Supplied data:
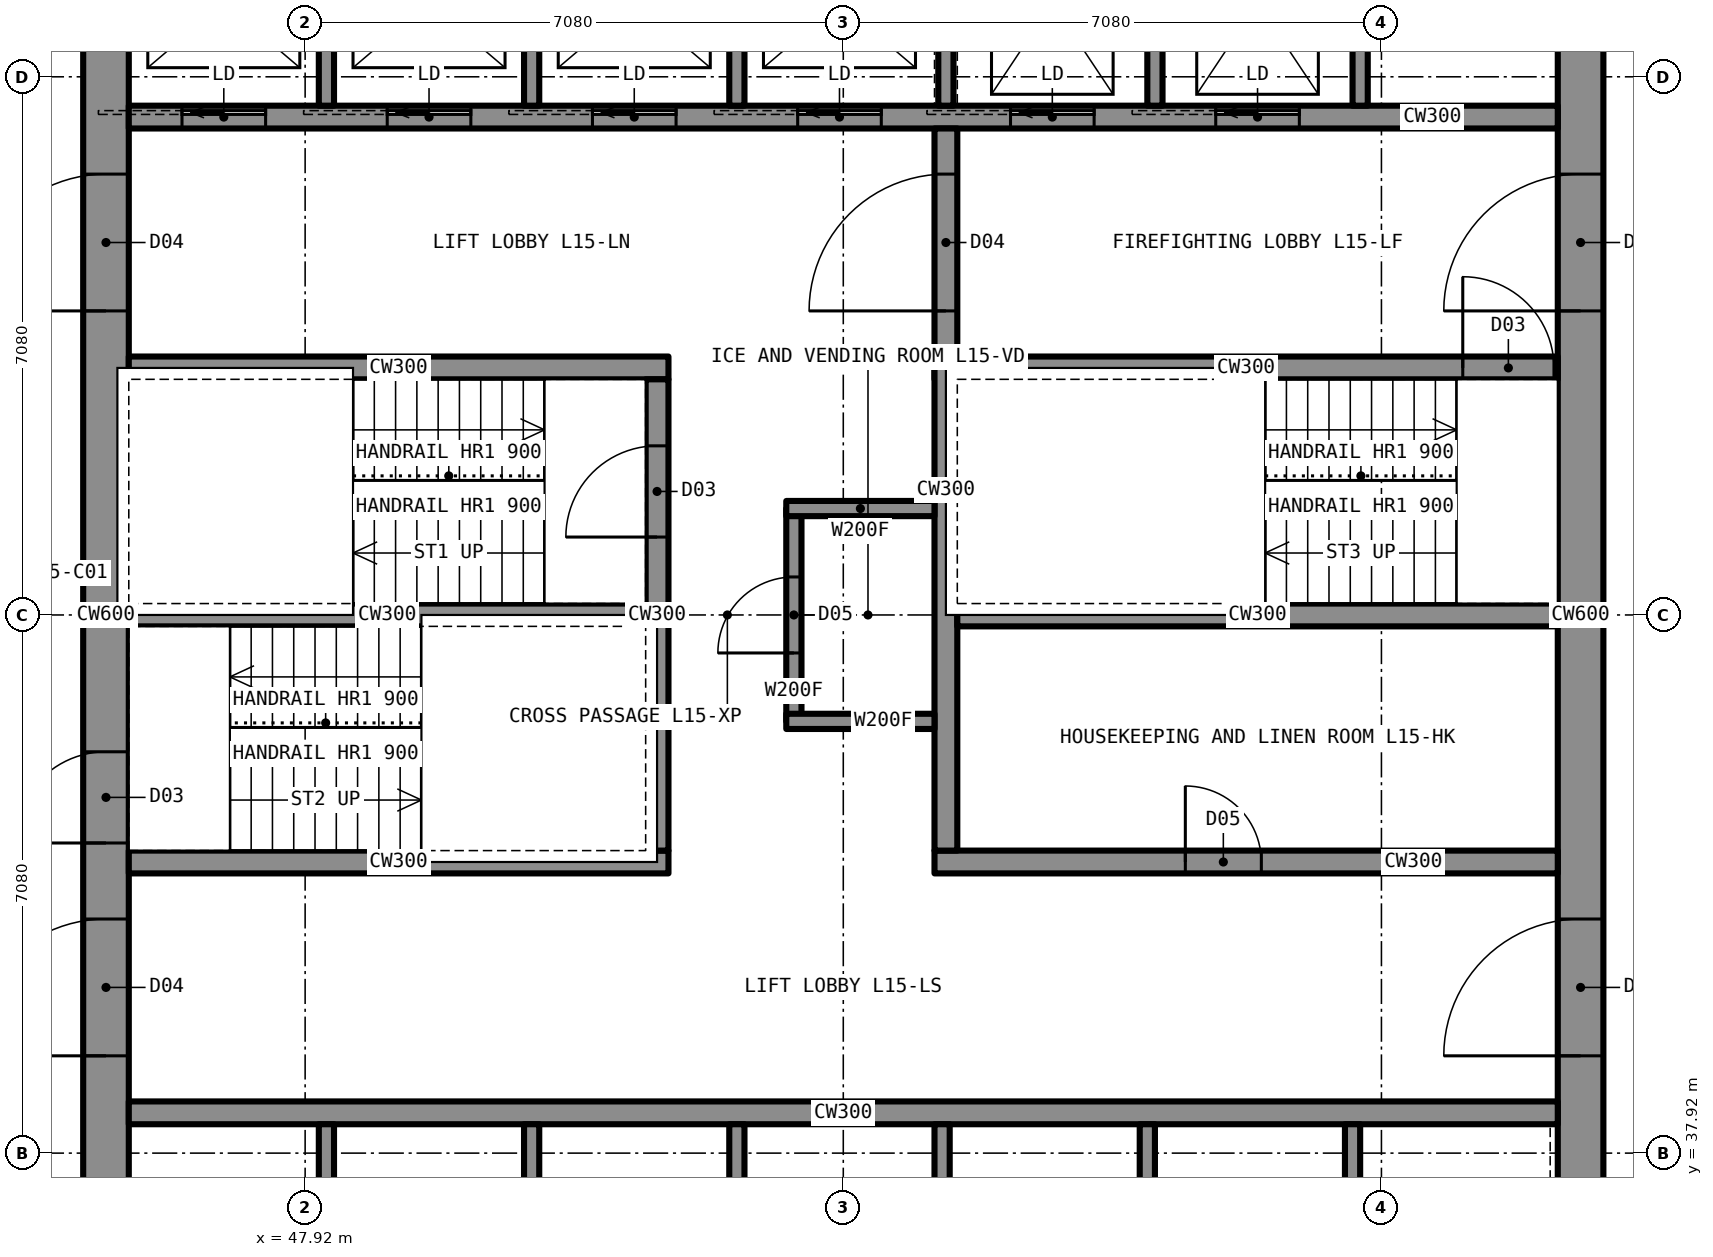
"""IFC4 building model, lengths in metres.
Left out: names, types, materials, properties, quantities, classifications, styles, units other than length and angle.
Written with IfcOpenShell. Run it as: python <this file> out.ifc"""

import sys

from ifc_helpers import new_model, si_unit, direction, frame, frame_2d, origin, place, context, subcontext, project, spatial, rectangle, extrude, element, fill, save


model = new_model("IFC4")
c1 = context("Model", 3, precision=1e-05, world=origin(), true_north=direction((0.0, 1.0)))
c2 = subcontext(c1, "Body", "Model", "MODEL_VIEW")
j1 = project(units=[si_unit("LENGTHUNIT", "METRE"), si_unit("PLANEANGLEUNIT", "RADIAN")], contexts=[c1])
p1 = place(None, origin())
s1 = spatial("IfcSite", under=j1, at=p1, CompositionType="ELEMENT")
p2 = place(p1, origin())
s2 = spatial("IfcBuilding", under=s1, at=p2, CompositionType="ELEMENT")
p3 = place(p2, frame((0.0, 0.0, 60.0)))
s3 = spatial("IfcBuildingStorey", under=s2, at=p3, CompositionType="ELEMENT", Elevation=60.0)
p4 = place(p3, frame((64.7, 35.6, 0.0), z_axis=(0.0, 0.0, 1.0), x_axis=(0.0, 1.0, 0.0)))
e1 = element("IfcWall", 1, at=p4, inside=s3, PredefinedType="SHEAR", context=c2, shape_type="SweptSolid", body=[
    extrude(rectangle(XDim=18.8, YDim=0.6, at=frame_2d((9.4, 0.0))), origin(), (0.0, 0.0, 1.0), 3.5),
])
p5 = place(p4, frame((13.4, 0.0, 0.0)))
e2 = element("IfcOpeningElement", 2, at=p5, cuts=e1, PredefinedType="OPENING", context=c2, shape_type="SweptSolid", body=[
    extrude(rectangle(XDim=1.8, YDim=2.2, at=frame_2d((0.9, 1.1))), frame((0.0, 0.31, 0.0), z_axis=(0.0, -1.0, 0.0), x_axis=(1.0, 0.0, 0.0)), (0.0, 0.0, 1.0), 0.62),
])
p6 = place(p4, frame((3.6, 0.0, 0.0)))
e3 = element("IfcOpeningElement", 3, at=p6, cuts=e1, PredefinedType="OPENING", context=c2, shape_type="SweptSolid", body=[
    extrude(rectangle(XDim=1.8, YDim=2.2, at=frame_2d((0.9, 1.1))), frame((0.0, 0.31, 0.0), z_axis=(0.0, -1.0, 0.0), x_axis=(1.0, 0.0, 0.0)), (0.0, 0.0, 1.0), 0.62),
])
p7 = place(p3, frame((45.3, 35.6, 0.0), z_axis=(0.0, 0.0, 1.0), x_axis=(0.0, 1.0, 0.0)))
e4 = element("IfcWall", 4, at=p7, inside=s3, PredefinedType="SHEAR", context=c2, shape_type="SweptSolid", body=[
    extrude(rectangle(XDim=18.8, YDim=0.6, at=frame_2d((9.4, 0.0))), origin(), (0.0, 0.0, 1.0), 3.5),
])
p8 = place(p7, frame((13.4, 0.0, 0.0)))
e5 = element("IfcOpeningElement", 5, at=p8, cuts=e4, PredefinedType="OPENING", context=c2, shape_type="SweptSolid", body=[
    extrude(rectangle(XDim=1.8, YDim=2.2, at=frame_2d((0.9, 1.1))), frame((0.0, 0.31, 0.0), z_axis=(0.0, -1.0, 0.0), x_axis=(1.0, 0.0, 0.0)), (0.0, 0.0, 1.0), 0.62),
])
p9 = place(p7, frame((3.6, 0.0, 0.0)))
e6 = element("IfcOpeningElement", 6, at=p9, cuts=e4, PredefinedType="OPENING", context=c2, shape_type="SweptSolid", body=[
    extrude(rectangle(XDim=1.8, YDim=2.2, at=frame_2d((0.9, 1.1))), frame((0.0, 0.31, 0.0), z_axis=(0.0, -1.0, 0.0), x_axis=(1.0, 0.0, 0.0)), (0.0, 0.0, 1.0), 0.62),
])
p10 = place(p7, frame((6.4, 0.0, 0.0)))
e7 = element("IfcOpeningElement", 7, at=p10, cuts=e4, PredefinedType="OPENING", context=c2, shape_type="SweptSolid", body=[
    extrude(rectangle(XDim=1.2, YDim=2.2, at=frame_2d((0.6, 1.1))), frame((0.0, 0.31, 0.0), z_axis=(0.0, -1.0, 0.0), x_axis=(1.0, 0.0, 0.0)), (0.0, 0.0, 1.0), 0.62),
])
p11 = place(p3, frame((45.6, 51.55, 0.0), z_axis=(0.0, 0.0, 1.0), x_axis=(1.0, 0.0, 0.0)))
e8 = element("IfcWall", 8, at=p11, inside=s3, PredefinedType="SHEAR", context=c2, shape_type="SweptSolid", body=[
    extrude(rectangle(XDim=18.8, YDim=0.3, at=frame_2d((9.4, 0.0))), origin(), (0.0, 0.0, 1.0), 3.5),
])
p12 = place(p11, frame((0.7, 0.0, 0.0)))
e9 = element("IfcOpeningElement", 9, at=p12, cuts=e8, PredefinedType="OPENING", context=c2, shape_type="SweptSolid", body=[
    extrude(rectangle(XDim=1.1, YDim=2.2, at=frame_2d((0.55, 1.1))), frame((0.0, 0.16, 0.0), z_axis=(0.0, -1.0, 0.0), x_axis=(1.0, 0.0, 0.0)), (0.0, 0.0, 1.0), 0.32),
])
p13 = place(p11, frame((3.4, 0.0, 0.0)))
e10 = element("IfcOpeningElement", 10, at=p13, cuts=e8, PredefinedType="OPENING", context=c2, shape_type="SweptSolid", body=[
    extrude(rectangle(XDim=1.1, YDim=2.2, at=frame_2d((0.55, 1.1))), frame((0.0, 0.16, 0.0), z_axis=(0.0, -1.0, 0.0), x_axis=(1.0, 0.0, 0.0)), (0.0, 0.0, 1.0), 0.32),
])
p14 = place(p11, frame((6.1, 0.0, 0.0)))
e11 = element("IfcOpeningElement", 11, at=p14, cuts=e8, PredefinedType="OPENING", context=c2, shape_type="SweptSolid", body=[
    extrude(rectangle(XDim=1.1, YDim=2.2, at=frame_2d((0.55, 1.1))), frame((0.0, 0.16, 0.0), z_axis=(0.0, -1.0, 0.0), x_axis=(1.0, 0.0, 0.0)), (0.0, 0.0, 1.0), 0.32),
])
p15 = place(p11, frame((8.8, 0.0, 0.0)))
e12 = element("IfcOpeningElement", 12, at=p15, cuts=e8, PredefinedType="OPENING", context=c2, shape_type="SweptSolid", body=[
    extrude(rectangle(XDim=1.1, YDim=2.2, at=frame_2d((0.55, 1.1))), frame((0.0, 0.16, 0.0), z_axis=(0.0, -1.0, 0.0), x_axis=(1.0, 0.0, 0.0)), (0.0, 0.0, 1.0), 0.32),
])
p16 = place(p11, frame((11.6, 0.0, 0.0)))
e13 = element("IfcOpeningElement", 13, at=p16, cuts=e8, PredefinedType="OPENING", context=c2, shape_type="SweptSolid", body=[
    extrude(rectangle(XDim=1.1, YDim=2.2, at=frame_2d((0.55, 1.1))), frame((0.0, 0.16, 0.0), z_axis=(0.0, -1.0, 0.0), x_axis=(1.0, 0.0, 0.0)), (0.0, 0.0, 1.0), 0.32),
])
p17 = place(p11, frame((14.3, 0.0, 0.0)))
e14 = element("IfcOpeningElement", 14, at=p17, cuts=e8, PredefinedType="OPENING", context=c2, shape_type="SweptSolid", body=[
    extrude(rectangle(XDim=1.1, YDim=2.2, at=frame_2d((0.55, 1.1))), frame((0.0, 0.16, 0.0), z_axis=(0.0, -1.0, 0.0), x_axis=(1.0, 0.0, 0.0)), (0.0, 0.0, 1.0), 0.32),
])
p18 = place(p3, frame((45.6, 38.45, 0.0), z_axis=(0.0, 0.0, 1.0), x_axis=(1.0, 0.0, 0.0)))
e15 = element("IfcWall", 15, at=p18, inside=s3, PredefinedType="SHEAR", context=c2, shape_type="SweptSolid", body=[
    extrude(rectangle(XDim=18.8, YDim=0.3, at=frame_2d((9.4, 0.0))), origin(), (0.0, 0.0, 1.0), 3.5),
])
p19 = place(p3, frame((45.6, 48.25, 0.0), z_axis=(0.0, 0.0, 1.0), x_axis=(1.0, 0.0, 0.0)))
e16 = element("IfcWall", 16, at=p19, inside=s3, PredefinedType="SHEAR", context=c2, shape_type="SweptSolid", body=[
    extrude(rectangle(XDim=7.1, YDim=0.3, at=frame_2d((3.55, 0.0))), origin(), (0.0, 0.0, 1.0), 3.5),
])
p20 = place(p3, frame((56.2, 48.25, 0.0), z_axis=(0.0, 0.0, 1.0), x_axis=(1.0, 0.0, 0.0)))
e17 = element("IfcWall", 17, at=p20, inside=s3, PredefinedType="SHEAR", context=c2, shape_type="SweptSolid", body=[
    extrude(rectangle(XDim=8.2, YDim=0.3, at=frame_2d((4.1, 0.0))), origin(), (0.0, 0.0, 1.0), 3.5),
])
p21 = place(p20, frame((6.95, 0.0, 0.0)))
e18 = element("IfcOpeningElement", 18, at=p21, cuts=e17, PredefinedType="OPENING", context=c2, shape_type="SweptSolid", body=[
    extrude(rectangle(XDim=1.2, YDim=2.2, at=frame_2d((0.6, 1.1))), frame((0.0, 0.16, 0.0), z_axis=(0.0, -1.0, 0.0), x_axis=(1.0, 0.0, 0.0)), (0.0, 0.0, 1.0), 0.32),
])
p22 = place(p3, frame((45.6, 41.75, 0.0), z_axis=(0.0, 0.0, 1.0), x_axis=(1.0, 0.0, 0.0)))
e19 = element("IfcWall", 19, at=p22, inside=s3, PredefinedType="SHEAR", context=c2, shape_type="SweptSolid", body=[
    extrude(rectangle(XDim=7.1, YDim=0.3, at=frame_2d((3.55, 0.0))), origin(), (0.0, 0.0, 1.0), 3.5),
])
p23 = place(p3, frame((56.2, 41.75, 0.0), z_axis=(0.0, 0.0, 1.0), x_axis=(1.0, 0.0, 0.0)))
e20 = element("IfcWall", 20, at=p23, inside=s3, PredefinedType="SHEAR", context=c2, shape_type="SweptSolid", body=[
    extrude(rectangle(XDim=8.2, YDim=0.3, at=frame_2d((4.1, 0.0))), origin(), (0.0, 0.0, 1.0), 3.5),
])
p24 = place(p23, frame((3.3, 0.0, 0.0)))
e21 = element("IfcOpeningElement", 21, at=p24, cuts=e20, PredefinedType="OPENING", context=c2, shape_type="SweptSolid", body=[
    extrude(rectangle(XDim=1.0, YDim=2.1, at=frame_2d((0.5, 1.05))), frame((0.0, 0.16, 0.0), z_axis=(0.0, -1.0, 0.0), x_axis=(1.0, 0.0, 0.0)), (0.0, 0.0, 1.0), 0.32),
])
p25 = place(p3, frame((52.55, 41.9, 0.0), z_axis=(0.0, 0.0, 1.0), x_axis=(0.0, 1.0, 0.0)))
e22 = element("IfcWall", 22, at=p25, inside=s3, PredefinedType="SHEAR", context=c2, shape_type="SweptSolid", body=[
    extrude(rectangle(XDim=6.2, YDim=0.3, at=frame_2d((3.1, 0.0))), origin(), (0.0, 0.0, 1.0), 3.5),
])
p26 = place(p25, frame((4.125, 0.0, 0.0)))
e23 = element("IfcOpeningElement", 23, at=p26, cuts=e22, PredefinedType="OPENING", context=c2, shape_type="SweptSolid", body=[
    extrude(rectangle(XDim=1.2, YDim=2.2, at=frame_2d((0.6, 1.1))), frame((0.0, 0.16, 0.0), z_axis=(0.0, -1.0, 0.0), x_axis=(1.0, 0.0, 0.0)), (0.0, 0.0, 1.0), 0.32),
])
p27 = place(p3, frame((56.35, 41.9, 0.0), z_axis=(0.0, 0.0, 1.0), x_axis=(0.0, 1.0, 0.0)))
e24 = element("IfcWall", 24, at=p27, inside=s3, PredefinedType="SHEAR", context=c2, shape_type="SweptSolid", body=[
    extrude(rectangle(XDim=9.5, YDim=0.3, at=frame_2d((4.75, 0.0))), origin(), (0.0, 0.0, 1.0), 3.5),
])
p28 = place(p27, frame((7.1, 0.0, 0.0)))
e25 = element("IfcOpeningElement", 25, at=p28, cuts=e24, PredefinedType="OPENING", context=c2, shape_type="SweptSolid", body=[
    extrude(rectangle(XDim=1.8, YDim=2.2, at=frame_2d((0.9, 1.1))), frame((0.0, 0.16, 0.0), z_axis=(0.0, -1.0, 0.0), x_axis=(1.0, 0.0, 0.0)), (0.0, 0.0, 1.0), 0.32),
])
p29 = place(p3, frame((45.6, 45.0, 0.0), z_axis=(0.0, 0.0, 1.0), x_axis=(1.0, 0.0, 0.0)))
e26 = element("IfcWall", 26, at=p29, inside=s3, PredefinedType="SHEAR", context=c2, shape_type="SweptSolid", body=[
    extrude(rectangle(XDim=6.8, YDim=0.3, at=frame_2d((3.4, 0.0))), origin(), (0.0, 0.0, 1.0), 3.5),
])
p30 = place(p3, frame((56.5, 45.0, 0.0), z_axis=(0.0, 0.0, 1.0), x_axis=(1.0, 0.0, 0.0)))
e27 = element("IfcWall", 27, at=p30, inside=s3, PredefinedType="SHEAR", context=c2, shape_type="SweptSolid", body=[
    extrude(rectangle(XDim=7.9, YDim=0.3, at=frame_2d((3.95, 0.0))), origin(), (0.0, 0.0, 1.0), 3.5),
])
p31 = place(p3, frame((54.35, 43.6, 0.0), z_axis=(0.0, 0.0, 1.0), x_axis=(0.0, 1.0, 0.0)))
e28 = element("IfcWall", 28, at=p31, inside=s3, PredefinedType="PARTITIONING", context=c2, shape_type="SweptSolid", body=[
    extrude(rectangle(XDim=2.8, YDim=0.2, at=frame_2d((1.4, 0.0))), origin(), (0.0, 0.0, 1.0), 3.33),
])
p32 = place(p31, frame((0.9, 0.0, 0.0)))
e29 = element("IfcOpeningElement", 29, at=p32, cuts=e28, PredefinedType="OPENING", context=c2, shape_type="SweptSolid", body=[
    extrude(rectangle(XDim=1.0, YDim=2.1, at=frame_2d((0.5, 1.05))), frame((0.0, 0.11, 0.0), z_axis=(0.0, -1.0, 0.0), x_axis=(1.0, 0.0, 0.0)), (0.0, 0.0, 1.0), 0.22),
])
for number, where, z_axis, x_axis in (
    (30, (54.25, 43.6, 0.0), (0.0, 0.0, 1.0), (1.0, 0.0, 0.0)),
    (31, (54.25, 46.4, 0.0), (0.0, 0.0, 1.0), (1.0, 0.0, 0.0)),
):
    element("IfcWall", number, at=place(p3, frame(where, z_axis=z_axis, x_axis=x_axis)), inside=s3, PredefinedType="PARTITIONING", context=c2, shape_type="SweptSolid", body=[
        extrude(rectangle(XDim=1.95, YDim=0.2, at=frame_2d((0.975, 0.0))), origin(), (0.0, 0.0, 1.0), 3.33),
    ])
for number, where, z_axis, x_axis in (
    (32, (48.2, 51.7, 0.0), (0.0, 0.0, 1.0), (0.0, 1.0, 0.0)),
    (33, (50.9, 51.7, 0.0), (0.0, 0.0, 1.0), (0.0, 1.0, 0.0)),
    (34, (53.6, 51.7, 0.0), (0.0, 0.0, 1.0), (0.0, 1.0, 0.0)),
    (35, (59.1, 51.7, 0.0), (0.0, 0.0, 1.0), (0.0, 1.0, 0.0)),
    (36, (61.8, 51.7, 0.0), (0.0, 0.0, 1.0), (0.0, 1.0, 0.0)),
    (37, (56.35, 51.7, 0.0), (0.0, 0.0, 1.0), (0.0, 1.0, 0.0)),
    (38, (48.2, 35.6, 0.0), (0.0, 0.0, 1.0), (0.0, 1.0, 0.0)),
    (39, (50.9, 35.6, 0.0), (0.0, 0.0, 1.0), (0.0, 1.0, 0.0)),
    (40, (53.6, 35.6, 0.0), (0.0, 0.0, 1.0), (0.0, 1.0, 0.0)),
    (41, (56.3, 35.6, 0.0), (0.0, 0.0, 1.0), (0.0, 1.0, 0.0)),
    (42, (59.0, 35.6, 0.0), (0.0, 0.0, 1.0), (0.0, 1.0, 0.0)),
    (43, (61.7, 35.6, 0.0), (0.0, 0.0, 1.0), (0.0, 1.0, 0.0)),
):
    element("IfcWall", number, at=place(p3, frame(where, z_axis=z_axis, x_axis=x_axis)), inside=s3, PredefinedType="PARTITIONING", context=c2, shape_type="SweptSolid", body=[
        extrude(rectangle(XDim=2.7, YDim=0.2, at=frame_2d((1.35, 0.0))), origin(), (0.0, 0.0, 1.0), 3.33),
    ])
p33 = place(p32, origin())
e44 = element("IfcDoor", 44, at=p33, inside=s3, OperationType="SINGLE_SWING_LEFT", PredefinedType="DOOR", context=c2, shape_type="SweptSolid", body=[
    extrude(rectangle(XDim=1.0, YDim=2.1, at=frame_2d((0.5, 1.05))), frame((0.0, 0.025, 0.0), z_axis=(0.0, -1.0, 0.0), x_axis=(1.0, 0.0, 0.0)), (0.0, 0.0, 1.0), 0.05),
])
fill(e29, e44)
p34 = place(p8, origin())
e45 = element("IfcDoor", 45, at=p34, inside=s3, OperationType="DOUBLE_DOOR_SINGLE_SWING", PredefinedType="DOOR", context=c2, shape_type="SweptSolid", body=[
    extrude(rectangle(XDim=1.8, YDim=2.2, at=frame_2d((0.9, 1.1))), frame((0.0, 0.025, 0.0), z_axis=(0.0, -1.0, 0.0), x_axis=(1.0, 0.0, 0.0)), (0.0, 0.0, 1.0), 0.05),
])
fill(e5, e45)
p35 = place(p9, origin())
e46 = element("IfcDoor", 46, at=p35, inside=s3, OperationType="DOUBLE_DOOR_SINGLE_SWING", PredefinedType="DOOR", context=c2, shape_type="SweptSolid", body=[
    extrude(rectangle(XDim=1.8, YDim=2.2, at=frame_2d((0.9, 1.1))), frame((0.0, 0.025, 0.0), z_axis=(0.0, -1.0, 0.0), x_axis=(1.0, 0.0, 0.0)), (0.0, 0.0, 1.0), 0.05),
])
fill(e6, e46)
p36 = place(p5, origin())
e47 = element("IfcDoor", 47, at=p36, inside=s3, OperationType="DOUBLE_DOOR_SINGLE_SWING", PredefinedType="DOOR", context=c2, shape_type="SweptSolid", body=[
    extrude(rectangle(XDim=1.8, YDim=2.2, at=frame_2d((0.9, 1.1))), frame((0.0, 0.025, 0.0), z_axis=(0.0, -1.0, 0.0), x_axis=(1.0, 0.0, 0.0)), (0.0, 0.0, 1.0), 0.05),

Exercise objective: Using the listing above, list every line in which the string "under" occurs.

Expected answer:
s1 = spatial("IfcSite", under=j1, at=p1, CompositionType="ELEMENT")
s2 = spatial("IfcBuilding", under=s1, at=p2, CompositionType="ELEMENT")
s3 = spatial("IfcBuildingStorey", under=s2, at=p3, CompositionType="ELEMENT", Elevation=60.0)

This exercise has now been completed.